Data records.

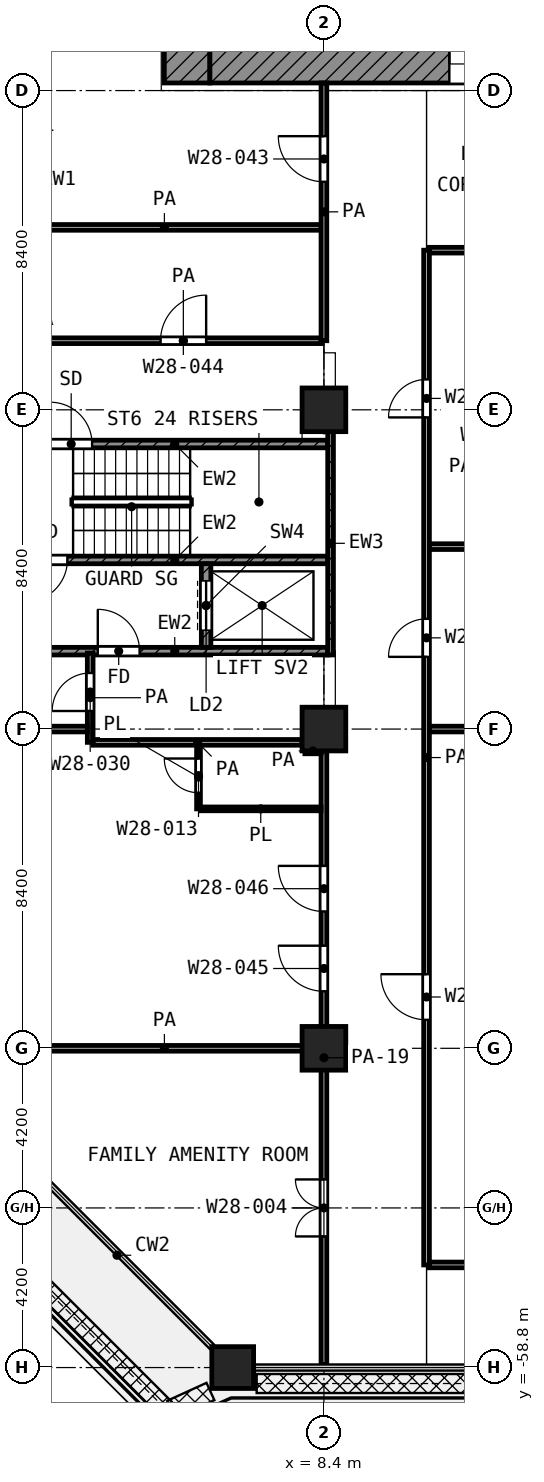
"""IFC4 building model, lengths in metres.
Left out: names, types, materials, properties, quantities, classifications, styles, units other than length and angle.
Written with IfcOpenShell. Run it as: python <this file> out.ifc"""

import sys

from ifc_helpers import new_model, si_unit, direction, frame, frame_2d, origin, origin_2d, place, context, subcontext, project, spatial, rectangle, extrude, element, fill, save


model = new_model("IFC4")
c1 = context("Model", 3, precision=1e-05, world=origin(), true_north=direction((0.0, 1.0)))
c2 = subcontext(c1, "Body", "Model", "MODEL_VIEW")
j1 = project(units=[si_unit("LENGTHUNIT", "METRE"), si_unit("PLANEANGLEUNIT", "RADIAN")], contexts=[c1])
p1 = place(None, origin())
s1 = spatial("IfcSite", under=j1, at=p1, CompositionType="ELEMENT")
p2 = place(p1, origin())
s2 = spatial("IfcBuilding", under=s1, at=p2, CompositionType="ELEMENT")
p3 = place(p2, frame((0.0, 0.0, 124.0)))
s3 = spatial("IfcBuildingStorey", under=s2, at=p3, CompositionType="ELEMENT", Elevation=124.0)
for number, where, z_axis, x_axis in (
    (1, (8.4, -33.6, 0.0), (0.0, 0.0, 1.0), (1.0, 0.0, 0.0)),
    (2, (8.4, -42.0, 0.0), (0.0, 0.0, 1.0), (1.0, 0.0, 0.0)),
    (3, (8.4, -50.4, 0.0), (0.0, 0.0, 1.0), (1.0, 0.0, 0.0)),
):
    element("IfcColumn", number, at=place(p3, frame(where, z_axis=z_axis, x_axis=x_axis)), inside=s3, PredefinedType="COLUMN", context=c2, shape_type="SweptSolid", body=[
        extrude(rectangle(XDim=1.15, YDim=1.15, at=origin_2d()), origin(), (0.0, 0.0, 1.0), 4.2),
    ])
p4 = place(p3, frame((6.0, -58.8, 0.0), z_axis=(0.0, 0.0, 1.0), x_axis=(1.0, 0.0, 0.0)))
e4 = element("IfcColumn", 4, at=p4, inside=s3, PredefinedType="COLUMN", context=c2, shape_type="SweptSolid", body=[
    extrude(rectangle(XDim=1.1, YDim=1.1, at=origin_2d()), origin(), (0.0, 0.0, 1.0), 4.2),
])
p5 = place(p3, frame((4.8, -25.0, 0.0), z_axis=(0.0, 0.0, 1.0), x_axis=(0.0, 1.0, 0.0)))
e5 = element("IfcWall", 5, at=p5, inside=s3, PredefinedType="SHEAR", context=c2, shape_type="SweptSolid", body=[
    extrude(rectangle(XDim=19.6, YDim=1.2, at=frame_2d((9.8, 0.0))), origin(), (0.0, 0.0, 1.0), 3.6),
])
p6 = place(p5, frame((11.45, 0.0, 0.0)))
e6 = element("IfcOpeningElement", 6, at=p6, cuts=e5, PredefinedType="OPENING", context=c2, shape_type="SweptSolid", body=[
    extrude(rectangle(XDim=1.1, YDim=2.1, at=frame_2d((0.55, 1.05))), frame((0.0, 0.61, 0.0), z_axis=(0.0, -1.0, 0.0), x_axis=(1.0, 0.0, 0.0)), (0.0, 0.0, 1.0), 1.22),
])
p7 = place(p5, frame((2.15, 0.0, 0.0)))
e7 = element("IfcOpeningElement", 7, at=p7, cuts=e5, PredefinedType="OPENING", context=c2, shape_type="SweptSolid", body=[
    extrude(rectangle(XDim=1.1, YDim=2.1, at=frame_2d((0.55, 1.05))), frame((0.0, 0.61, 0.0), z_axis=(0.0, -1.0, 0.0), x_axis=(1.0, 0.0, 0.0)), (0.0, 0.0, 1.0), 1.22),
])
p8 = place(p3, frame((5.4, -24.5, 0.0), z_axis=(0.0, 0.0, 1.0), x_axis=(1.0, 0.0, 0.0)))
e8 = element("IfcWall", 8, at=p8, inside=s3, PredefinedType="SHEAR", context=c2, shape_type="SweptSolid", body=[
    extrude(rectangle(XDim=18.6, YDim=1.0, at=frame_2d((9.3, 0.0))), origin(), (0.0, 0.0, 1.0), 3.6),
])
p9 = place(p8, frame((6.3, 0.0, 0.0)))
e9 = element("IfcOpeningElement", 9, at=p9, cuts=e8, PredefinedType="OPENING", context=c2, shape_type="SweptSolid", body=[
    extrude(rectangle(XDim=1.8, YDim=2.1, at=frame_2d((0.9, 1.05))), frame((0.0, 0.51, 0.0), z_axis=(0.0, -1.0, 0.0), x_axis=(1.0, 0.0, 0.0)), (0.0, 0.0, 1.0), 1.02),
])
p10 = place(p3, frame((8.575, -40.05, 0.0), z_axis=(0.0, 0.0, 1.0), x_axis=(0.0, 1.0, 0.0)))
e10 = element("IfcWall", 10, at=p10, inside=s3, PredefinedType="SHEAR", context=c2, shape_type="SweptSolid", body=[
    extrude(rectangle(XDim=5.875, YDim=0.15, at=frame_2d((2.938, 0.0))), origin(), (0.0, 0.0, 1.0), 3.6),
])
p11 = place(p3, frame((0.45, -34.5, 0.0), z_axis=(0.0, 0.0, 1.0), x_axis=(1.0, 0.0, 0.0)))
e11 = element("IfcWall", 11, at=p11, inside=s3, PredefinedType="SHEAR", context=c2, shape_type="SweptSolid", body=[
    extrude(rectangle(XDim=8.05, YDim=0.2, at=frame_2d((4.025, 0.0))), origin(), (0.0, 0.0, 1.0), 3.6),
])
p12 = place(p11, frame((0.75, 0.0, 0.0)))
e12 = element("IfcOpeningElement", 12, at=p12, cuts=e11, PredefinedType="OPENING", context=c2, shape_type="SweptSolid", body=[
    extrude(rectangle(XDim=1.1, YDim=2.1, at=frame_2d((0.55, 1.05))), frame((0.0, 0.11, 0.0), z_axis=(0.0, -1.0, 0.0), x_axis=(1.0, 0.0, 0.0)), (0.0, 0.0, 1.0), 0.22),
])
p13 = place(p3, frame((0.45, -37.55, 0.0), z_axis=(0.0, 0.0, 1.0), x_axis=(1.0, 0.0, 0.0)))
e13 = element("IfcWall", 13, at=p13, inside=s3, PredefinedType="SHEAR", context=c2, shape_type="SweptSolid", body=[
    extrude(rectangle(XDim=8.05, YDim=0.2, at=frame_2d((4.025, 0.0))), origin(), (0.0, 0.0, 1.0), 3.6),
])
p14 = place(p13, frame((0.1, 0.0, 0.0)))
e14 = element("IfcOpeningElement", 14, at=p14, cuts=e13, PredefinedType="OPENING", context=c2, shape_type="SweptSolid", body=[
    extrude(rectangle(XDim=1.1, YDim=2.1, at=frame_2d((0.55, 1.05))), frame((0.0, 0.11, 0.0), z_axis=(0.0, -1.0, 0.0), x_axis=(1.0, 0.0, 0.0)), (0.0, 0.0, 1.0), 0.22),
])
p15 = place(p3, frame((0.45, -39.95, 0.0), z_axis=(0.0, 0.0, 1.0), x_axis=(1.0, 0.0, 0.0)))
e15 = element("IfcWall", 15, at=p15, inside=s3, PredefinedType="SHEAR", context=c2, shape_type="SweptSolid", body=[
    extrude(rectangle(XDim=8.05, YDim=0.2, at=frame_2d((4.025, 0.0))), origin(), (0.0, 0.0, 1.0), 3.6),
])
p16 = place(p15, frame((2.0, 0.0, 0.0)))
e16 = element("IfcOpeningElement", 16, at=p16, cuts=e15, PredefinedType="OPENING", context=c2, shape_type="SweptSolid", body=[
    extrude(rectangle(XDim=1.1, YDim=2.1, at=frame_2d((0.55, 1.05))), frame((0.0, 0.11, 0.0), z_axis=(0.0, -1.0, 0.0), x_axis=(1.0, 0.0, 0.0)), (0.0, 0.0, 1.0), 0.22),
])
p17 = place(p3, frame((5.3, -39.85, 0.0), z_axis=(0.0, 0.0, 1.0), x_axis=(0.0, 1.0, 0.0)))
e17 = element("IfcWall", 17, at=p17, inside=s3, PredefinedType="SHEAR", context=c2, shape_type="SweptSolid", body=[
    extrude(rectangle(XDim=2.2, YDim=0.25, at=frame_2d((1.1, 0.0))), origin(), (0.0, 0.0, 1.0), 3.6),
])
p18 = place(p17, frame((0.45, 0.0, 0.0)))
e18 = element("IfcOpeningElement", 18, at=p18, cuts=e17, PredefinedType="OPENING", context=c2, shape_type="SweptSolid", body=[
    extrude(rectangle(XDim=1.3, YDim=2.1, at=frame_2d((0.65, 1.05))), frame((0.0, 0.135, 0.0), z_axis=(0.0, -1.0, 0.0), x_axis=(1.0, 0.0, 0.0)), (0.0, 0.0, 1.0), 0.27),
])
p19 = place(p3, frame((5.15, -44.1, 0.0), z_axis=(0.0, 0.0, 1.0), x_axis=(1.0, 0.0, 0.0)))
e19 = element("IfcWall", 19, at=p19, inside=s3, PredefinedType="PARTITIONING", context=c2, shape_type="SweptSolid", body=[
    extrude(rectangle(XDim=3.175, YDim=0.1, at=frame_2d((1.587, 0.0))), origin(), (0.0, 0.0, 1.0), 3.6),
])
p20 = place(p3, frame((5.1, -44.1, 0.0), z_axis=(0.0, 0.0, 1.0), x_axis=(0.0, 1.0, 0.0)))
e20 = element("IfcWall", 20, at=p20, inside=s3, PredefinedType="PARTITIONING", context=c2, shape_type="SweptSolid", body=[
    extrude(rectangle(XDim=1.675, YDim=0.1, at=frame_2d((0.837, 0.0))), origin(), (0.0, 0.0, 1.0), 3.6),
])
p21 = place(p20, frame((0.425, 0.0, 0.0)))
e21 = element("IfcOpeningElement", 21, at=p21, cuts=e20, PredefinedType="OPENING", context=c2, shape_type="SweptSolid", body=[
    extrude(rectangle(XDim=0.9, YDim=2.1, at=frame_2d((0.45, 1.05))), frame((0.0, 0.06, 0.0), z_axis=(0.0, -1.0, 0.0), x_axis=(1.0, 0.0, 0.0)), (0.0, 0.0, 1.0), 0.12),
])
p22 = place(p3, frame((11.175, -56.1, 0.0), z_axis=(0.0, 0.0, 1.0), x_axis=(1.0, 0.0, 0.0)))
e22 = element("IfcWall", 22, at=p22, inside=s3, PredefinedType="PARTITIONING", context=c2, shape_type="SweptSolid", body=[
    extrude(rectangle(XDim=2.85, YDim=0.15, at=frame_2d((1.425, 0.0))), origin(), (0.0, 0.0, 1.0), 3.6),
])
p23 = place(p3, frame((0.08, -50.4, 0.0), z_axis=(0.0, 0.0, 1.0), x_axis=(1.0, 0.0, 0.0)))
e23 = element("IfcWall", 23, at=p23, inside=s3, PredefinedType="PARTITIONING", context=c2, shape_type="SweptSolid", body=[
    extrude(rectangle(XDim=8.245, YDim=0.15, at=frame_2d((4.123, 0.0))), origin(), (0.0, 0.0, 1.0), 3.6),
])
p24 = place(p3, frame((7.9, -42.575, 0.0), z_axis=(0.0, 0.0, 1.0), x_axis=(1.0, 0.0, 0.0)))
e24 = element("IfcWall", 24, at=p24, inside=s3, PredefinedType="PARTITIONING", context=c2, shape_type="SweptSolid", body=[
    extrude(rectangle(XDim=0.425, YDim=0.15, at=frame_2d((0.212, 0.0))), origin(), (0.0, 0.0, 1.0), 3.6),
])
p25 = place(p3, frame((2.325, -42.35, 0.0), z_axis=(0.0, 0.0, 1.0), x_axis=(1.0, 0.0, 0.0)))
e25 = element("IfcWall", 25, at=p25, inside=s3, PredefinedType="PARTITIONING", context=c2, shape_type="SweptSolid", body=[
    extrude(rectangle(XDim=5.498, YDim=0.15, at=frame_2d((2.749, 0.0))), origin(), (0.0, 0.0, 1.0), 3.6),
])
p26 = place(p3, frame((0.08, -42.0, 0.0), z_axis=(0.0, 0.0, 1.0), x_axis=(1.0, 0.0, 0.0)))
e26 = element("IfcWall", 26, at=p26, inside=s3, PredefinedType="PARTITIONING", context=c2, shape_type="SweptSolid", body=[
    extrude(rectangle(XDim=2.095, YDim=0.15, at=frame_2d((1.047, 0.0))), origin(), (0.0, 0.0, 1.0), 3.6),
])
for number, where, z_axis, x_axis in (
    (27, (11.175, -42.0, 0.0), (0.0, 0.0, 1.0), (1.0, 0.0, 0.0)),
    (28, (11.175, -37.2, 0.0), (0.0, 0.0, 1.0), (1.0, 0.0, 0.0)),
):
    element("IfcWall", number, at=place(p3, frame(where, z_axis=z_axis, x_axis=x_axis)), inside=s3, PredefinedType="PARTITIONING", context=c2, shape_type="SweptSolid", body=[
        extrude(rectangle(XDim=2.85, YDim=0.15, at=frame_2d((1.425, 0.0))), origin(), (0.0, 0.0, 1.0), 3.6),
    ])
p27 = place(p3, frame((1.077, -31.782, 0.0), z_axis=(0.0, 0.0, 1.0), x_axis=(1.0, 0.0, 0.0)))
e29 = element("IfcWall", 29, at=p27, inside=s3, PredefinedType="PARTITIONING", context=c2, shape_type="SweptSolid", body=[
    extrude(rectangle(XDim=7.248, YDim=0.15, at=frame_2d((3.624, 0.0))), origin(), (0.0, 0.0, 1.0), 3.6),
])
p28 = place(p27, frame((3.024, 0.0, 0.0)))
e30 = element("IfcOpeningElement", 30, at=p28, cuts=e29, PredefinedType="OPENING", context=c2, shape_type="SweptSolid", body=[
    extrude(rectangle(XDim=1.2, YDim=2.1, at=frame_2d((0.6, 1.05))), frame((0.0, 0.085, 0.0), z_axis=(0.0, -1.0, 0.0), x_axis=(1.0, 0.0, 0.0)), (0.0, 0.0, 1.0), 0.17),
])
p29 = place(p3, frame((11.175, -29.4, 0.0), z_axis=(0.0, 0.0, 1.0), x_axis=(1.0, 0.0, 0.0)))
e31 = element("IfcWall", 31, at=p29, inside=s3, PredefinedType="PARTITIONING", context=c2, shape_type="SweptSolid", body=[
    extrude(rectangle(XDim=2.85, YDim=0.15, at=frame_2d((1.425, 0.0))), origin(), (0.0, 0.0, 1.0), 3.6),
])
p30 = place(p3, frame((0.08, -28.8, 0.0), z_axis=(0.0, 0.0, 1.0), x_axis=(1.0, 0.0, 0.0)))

Directions for this task. Could you find every line in the records above that contains the word "spatial" and copy it?

Written solution.
from ifc_helpers import new_model, si_unit, direction, frame, frame_2d, origin, origin_2d, place, context, subcontext, project, spatial, rectangle, extrude, element, fill, save
s1 = spatial("IfcSite", under=j1, at=p1, CompositionType="ELEMENT")
s2 = spatial("IfcBuilding", under=s1, at=p2, CompositionType="ELEMENT")
s3 = spatial("IfcBuildingStorey", under=s2, at=p3, CompositionType="ELEMENT", Elevation=124.0)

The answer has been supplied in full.